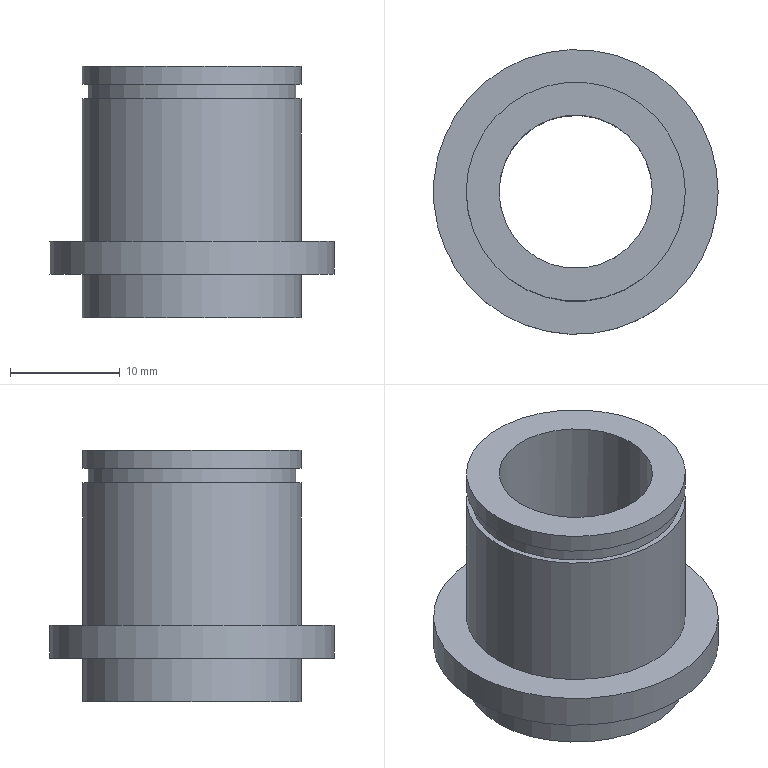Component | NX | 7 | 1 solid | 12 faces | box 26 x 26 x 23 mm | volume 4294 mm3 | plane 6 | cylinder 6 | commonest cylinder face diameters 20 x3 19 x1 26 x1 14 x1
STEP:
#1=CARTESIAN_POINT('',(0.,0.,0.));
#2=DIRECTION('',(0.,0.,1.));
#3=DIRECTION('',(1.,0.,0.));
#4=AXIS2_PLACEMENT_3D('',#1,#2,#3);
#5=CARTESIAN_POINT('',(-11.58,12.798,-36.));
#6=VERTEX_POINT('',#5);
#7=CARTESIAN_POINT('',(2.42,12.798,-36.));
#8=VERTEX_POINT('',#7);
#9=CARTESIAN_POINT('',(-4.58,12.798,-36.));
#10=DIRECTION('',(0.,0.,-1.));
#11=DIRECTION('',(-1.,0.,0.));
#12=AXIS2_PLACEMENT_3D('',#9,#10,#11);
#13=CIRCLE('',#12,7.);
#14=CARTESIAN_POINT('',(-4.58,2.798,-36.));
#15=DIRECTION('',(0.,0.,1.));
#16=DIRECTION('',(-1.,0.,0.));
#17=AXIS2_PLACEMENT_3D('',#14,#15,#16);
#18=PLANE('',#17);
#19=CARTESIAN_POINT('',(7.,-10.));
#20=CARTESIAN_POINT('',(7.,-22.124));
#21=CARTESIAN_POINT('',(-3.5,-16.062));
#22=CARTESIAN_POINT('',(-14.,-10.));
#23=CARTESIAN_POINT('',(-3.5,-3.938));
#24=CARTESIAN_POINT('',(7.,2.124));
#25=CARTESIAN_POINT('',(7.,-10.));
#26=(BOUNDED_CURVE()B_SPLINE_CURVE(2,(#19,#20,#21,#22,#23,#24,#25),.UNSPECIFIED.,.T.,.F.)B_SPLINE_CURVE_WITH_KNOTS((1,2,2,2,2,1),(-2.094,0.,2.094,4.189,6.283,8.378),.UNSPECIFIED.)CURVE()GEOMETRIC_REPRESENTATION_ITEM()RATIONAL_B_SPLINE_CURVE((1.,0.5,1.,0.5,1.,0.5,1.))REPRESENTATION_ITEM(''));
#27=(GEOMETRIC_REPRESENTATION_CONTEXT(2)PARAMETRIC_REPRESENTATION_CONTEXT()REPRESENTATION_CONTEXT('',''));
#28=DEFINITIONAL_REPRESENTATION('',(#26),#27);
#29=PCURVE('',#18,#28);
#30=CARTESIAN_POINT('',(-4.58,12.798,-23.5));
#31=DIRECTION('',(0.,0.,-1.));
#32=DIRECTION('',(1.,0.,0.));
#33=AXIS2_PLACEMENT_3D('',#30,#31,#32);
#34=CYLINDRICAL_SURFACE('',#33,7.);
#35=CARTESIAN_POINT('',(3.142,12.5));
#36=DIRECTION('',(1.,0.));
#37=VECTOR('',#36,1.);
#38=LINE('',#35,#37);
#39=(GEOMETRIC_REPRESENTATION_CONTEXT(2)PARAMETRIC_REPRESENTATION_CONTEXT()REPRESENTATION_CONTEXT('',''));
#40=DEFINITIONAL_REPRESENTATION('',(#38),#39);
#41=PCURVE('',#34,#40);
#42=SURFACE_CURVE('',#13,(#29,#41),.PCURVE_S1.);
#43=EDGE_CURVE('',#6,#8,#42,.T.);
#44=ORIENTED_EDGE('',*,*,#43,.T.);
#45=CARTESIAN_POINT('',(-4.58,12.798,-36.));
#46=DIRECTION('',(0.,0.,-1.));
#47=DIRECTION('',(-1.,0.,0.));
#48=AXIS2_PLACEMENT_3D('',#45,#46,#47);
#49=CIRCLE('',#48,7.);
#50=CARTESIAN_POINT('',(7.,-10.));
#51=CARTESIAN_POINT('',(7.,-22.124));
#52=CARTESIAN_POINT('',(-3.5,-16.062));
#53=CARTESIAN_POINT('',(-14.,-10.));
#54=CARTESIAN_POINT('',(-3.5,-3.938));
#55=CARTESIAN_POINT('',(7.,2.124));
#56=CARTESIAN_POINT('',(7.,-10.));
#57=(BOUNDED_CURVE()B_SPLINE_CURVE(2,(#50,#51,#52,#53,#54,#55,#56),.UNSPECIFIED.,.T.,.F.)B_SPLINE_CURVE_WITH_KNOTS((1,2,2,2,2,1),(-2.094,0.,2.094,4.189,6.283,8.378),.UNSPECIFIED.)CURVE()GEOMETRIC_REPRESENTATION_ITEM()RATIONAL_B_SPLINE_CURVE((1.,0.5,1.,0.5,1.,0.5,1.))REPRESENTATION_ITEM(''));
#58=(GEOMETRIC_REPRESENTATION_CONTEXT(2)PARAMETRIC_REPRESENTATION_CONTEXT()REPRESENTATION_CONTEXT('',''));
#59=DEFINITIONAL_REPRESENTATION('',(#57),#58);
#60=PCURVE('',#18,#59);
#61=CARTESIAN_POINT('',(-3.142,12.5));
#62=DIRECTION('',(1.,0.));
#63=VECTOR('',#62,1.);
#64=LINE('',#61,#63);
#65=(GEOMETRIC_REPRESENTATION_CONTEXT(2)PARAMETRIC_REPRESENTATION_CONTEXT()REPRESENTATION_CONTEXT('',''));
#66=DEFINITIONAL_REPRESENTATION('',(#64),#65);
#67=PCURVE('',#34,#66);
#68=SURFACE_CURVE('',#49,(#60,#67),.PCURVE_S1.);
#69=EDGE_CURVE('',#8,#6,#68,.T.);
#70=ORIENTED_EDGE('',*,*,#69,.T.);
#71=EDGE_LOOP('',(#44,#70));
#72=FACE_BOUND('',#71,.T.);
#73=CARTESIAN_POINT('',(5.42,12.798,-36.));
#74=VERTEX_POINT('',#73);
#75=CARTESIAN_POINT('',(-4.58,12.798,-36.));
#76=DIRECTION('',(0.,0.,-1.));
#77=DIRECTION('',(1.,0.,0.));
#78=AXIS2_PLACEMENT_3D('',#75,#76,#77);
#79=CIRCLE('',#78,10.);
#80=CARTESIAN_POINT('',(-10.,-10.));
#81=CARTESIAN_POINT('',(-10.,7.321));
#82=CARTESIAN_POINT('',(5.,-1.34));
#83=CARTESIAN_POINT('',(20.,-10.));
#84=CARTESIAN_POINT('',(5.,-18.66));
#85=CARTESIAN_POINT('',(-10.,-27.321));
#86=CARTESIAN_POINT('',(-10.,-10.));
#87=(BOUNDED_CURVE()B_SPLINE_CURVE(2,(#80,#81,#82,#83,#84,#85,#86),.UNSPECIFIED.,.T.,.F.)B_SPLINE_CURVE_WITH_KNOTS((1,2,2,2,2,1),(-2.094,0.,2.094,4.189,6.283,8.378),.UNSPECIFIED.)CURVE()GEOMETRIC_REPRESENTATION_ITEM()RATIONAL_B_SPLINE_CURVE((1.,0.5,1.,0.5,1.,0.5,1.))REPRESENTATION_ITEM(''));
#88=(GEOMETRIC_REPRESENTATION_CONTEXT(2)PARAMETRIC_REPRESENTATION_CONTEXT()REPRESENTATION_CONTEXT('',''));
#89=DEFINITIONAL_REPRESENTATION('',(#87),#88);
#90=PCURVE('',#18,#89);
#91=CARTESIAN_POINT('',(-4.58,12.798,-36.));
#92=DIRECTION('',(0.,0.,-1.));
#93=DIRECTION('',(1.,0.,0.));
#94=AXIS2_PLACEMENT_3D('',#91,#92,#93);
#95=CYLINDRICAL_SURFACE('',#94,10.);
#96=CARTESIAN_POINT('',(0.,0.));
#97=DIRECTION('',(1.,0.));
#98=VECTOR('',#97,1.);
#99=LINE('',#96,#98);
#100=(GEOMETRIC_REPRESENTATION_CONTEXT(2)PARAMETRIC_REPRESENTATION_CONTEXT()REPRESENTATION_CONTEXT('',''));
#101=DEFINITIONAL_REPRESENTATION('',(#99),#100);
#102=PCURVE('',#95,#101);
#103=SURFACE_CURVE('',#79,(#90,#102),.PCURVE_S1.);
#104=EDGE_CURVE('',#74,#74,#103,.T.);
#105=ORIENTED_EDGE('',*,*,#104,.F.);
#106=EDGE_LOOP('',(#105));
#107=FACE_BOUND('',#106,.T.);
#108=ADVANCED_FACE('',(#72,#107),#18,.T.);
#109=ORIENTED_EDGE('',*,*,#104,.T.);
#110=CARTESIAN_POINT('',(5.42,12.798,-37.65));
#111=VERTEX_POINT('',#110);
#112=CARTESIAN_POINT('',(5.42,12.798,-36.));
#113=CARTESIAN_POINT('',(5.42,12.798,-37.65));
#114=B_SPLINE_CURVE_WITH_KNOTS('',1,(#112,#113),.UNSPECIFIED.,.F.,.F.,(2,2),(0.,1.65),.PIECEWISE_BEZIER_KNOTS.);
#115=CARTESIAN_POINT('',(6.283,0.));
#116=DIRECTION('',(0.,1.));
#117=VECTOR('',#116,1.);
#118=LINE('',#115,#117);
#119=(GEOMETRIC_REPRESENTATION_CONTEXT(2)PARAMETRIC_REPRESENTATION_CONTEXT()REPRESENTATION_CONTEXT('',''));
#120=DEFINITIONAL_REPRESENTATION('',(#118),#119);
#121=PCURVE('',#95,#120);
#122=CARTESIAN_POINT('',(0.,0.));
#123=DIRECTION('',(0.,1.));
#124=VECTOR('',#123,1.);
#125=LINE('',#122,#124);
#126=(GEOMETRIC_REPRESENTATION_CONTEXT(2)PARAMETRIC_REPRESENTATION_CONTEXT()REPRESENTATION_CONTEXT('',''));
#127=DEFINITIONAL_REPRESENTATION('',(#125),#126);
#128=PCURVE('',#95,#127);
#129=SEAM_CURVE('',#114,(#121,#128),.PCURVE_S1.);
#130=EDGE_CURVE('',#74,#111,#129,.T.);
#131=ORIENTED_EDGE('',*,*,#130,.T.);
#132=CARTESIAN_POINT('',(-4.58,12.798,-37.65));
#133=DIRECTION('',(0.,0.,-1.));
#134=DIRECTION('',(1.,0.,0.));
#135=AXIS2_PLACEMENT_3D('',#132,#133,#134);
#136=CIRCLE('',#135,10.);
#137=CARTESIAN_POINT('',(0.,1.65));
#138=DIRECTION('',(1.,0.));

-=-=-=-=-

_ABOUT THIS TASK_. Take the lines above from the one containing "#67=PCURVE('',#34,#66);" down to the one containing "#86=CARTESIAN_POINT('',(-10.,-10.));", and transcribe them exactly, both ends included.

_FINISHED EXERCISE_.
#67=PCURVE('',#34,#66);
#68=SURFACE_CURVE('',#49,(#60,#67),.PCURVE_S1.);
#69=EDGE_CURVE('',#8,#6,#68,.T.);
#70=ORIENTED_EDGE('',*,*,#69,.T.);
#71=EDGE_LOOP('',(#44,#70));
#72=FACE_BOUND('',#71,.T.);
#73=CARTESIAN_POINT('',(5.42,12.798,-36.));
#74=VERTEX_POINT('',#73);
#75=CARTESIAN_POINT('',(-4.58,12.798,-36.));
#76=DIRECTION('',(0.,0.,-1.));
#77=DIRECTION('',(1.,0.,0.));
#78=AXIS2_PLACEMENT_3D('',#75,#76,#77);
#79=CIRCLE('',#78,10.);
#80=CARTESIAN_POINT('',(-10.,-10.));
#81=CARTESIAN_POINT('',(-10.,7.321));
#82=CARTESIAN_POINT('',(5.,-1.34));
#83=CARTESIAN_POINT('',(20.,-10.));
#84=CARTESIAN_POINT('',(5.,-18.66));
#85=CARTESIAN_POINT('',(-10.,-27.321));
#86=CARTESIAN_POINT('',(-10.,-10.));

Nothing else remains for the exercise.